━━ Material supplied ━━

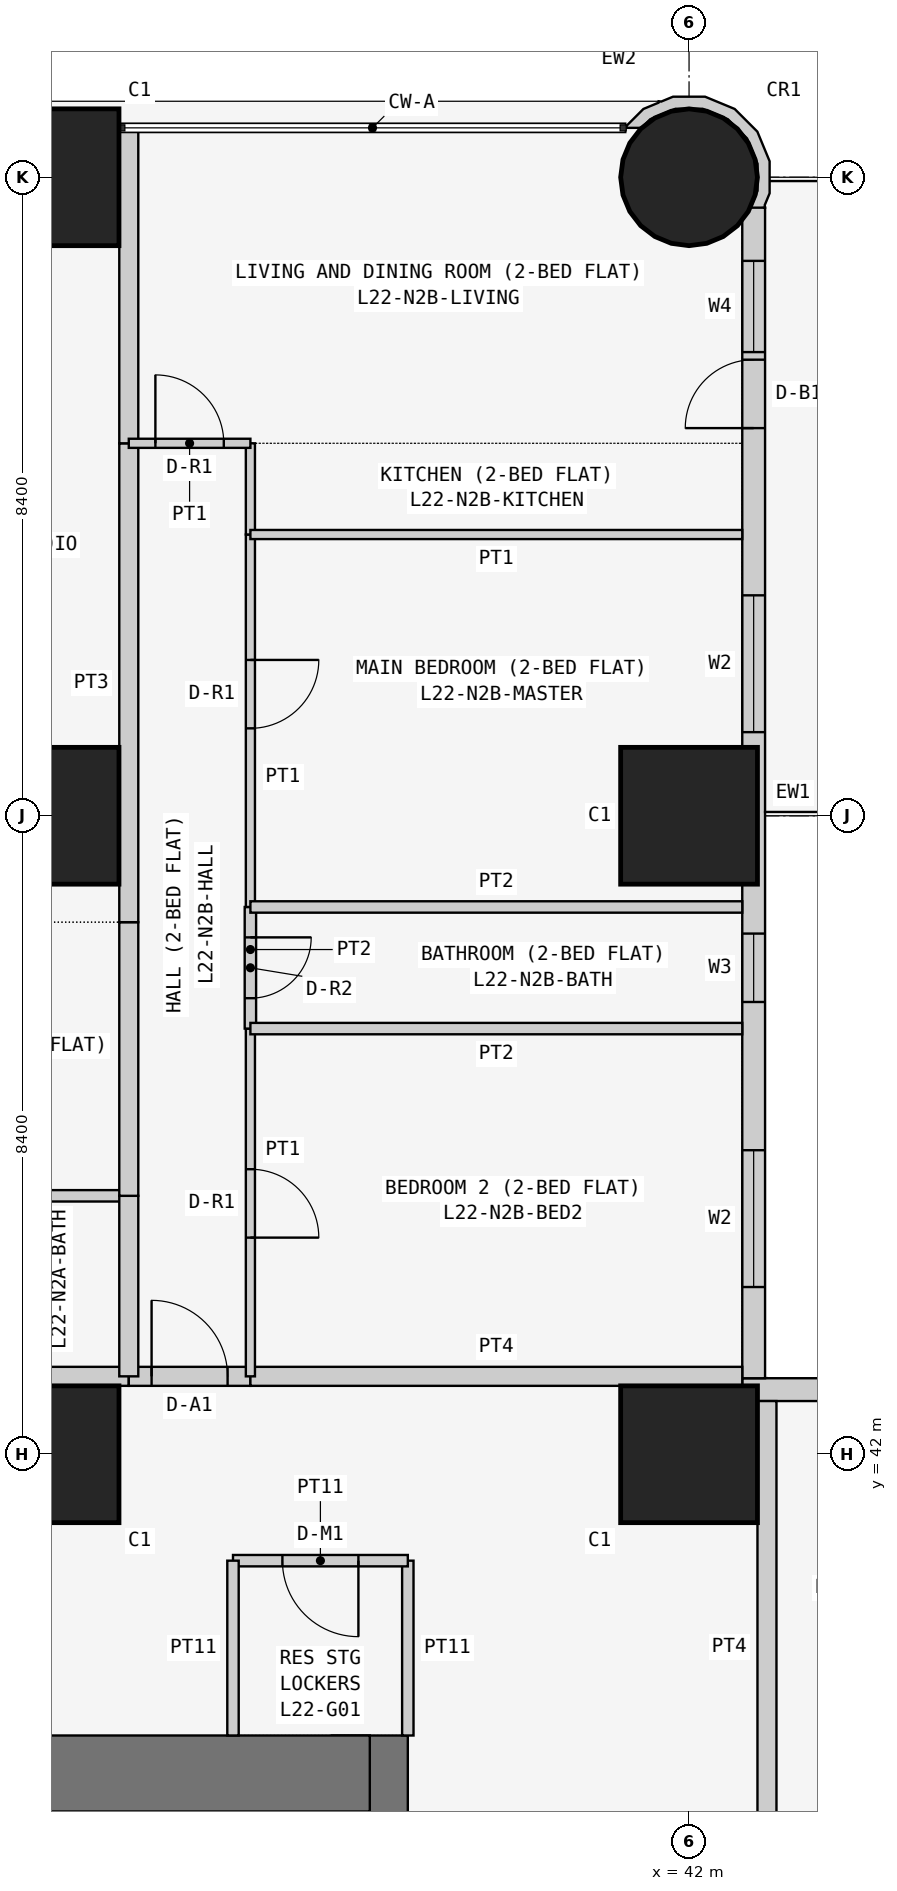
"""IFC4 building model, lengths in metres.
Left out: names, types, materials, properties, quantities, classifications, styles, units other than length and angle.
Written with IfcOpenShell. Run it as: python <this file> out.ifc"""

import sys

from ifc_helpers import new_model, si_unit, direction, frame, frame_2d, origin, origin_2d, place, context, subcontext, project, spatial, polyline, rectangle, circle, outline, extrude, element, fill, save


model = new_model("IFC4")
c1 = context("Model", 3, precision=1e-05, world=origin(), true_north=direction((0.0, 1.0)))
c2 = subcontext(c1, "Body", "Model", "MODEL_VIEW")
j1 = project(units=[si_unit("LENGTHUNIT", "METRE"), si_unit("PLANEANGLEUNIT", "RADIAN")], contexts=[c1])
p1 = place(None, origin())
s1 = spatial("IfcSite", under=j1, at=p1, CompositionType="ELEMENT")
p2 = place(p1, origin())
s2 = spatial("IfcBuilding", under=s1, at=p2, CompositionType="ELEMENT")
p3 = place(p2, frame((0.0, 0.0, 88.5)))
s3 = spatial("IfcBuildingStorey", under=s2, at=p3, CompositionType="ELEMENT", Elevation=88.5)
for number, where, z_axis, x_axis in (
    (1, (33.6, 42.0, 0.0), (0.0, 0.0, 1.0), (1.0, 0.0, 0.0)),
    (2, (33.6, 50.4, 0.0), (0.0, 0.0, 1.0), (1.0, 0.0, 0.0)),
    (3, (33.6, 58.8, 0.0), (0.0, 0.0, 1.0), (1.0, 0.0, 0.0)),
    (4, (42.0, 42.0, 0.0), (0.0, 0.0, 1.0), (1.0, 0.0, 0.0)),
    (5, (42.0, 50.4, 0.0), (0.0, 0.0, 1.0), (1.0, 0.0, 0.0)),
):
    element("IfcColumn", number, at=place(p3, frame(where, z_axis=z_axis, x_axis=x_axis)), inside=s3, PredefinedType="COLUMN", context=c2, shape_type="SweptSolid", body=[
        extrude(rectangle(XDim=1.8, YDim=1.8, at=origin_2d()), origin(), (0.0, 0.0, 1.0), 3.6),
    ])
p4 = place(p3, frame((42.0, 58.8, 0.0), z_axis=(0.0, 0.0, 1.0), x_axis=(1.0, 0.0, 0.0)))
e6 = element("IfcColumn", 6, at=p4, inside=s3, PredefinedType="COLUMN", context=c2, shape_type="SweptSolid", body=[
    extrude(circle(Radius=0.9, at=origin_2d()), origin(), (0.0, 0.0, 1.0), 3.6),
])
p5 = place(p3, frame((37.8, 21.0, 0.0), z_axis=(0.0, 0.0, 1.0), x_axis=(0.0, 1.0, 0.0)))
e7 = element("IfcWall", 7, at=p5, inside=s3, PredefinedType="SHEAR", context=c2, shape_type="SweptSolid", body=[
    extrude(rectangle(XDim=17.3, YDim=1.0, at=frame_2d((8.65, 0.0))), origin(), (0.0, 0.0, 1.0), 3.6),
])
p6 = place(p5, frame((5.2, 0.0, 0.0)))
e8 = element("IfcOpeningElement", 8, at=p6, cuts=e7, PredefinedType="OPENING", context=c2, shape_type="SweptSolid", body=[
    extrude(rectangle(XDim=1.2, YDim=2.1, at=frame_2d((0.6, 1.05))), frame((0.0, 0.51, 0.0), z_axis=(0.0, -1.0, 0.0), x_axis=(1.0, 0.0, 0.0)), (0.0, 0.0, 1.0), 1.02),
])
p7 = place(p3, frame((37.8, 37.8, 0.0), z_axis=(0.0, 0.0, 1.0), x_axis=(-1.0, 0.0, 0.0)))
e9 = element("IfcWall", 9, at=p7, inside=s3, PredefinedType="SHEAR", context=c2, shape_type="SweptSolid", body=[
    extrude(rectangle(XDim=17.3, YDim=1.0, at=frame_2d((8.65, 0.0))), origin(), (0.0, 0.0, 1.0), 3.6),
])
p8 = place(p3, frame((58.4, 42.85, 0.0), z_axis=(0.0, 0.0, 1.0), x_axis=(-1.0, 0.0, 0.0)))
e10 = element("IfcWall", 10, at=p8, inside=s3, PredefinedType="SOLIDWALL", context=c2, shape_type="SweptSolid", body=[
    extrude(rectangle(XDim=15.7, YDim=0.3, at=frame_2d((7.85, 0.0))), origin(), (0.0, 0.0, 1.0), 3.45),
])
p9 = place(p8, frame((12.4, 0.0, 0.9)))
e11 = element("IfcOpeningElement", 11, at=p9, cuts=e10, PredefinedType="OPENING", context=c2, shape_type="SweptSolid", body=[
    extrude(rectangle(XDim=1.8, YDim=1.5, at=frame_2d((0.9, 0.75))), frame((0.0, 0.16, 0.0), z_axis=(0.0, -1.0, 0.0), x_axis=(1.0, 0.0, 0.0)), (0.0, 0.0, 1.0), 0.32),
])
p10 = place(p8, frame((9.55, 0.0, 1.5)))
e12 = element("IfcOpeningElement", 12, at=p10, cuts=e10, PredefinedType="OPENING", context=c2, shape_type="SweptSolid", body=[
    extrude(rectangle(XDim=0.9, YDim=0.7, at=frame_2d((0.45, 0.35))), frame((0.0, 0.16, 0.0), z_axis=(0.0, -1.0, 0.0), x_axis=(1.0, 0.0, 0.0)), (0.0, 0.0, 1.0), 0.32),
])
p11 = place(p8, frame((5.1, 0.0, 0.9)))
e13 = element("IfcOpeningElement", 13, at=p11, cuts=e10, PredefinedType="OPENING", context=c2, shape_type="SweptSolid", body=[
    extrude(rectangle(XDim=1.8, YDim=1.5, at=frame_2d((0.9, 0.75))), frame((0.0, 0.16, 0.0), z_axis=(0.0, -1.0, 0.0), x_axis=(1.0, 0.0, 0.0)), (0.0, 0.0, 1.0), 0.32),
])
p12 = place(p8, frame((2.0, 0.0, 0.0)))
e14 = element("IfcOpeningElement", 14, at=p12, cuts=e10, PredefinedType="OPENING", context=c2, shape_type="SweptSolid", body=[
    extrude(rectangle(XDim=0.9, YDim=2.4, at=frame_2d((0.45, 1.2))), frame((0.0, 0.16, 0.0), z_axis=(0.0, -1.0, 0.0), x_axis=(1.0, 0.0, 0.0)), (0.0, 0.0, 1.0), 0.32),
])
p13 = place(p8, frame((0.7, 0.0, 0.9)))
e15 = element("IfcOpeningElement", 15, at=p13, cuts=e10, PredefinedType="OPENING", context=c2, shape_type="SweptSolid", body=[
    extrude(rectangle(XDim=1.2, YDim=1.5, at=frame_2d((0.6, 0.75))), frame((0.0, 0.16, 0.0), z_axis=(0.0, -1.0, 0.0), x_axis=(1.0, 0.0, 0.0)), (0.0, 0.0, 1.0), 0.32),
])
p14 = place(p3, frame((42.85, 43.0, 0.0), z_axis=(0.0, 0.0, 1.0), x_axis=(0.0, 1.0, 0.0)))
e16 = element("IfcWall", 16, at=p14, inside=s3, PredefinedType="SOLIDWALL", context=c2, shape_type="SweptSolid", body=[
    extrude(rectangle(XDim=15.4, YDim=0.3, at=frame_2d((7.7, 0.0))), origin(), (0.0, 0.0, 1.0), 3.45),
])
p15 = place(p14, frame((1.2, 0.0, 0.9)))
e17 = element("IfcOpeningElement", 17, at=p15, cuts=e16, PredefinedType="OPENING", context=c2, shape_type="SweptSolid", body=[
    extrude(rectangle(XDim=1.8, YDim=1.5, at=frame_2d((0.9, 0.75))), frame((0.0, 0.16, 0.0), z_axis=(0.0, -1.0, 0.0), x_axis=(1.0, 0.0, 0.0)), (0.0, 0.0, 1.0), 0.32),
])
p16 = place(p14, frame((4.95, 0.0, 1.5)))
e18 = element("IfcOpeningElement", 18, at=p16, cuts=e16, PredefinedType="OPENING", context=c2, shape_type="SweptSolid", body=[
    extrude(rectangle(XDim=0.9, YDim=0.7, at=frame_2d((0.45, 0.35))), frame((0.0, 0.16, 0.0), z_axis=(0.0, -1.0, 0.0), x_axis=(1.0, 0.0, 0.0)), (0.0, 0.0, 1.0), 0.32),
])
p17 = place(p14, frame((8.5, 0.0, 0.9)))
e19 = element("IfcOpeningElement", 19, at=p17, cuts=e16, PredefinedType="OPENING", context=c2, shape_type="SweptSolid", body=[
    extrude(rectangle(XDim=1.8, YDim=1.5, at=frame_2d((0.9, 0.75))), frame((0.0, 0.16, 0.0), z_axis=(0.0, -1.0, 0.0), x_axis=(1.0, 0.0, 0.0)), (0.0, 0.0, 1.0), 0.32),
])
p18 = place(p14, frame((12.5, 0.0, 0.0)))
e20 = element("IfcOpeningElement", 20, at=p18, cuts=e16, PredefinedType="OPENING", context=c2, shape_type="SweptSolid", body=[
    extrude(rectangle(XDim=0.9, YDim=2.4, at=frame_2d((0.45, 1.2))), frame((0.0, 0.16, 0.0), z_axis=(0.0, -1.0, 0.0), x_axis=(1.0, 0.0, 0.0)), (0.0, 0.0, 1.0), 0.32),
])
p19 = place(p14, frame((13.5, 0.0, 0.9)))
e21 = element("IfcOpeningElement", 21, at=p19, cuts=e16, PredefinedType="OPENING", context=c2, shape_type="SweptSolid", body=[
    extrude(rectangle(XDim=1.2, YDim=1.5, at=frame_2d((0.6, 0.75))), frame((0.0, 0.16, 0.0), z_axis=(0.0, -1.0, 0.0), x_axis=(1.0, 0.0, 0.0)), (0.0, 0.0, 1.0), 0.32),
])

━━━

### Problem to work on
What is the number of lines in this listing that contain the word "SOLIDWALL"? Answer with that number and nothing else.

### Solved exercise
2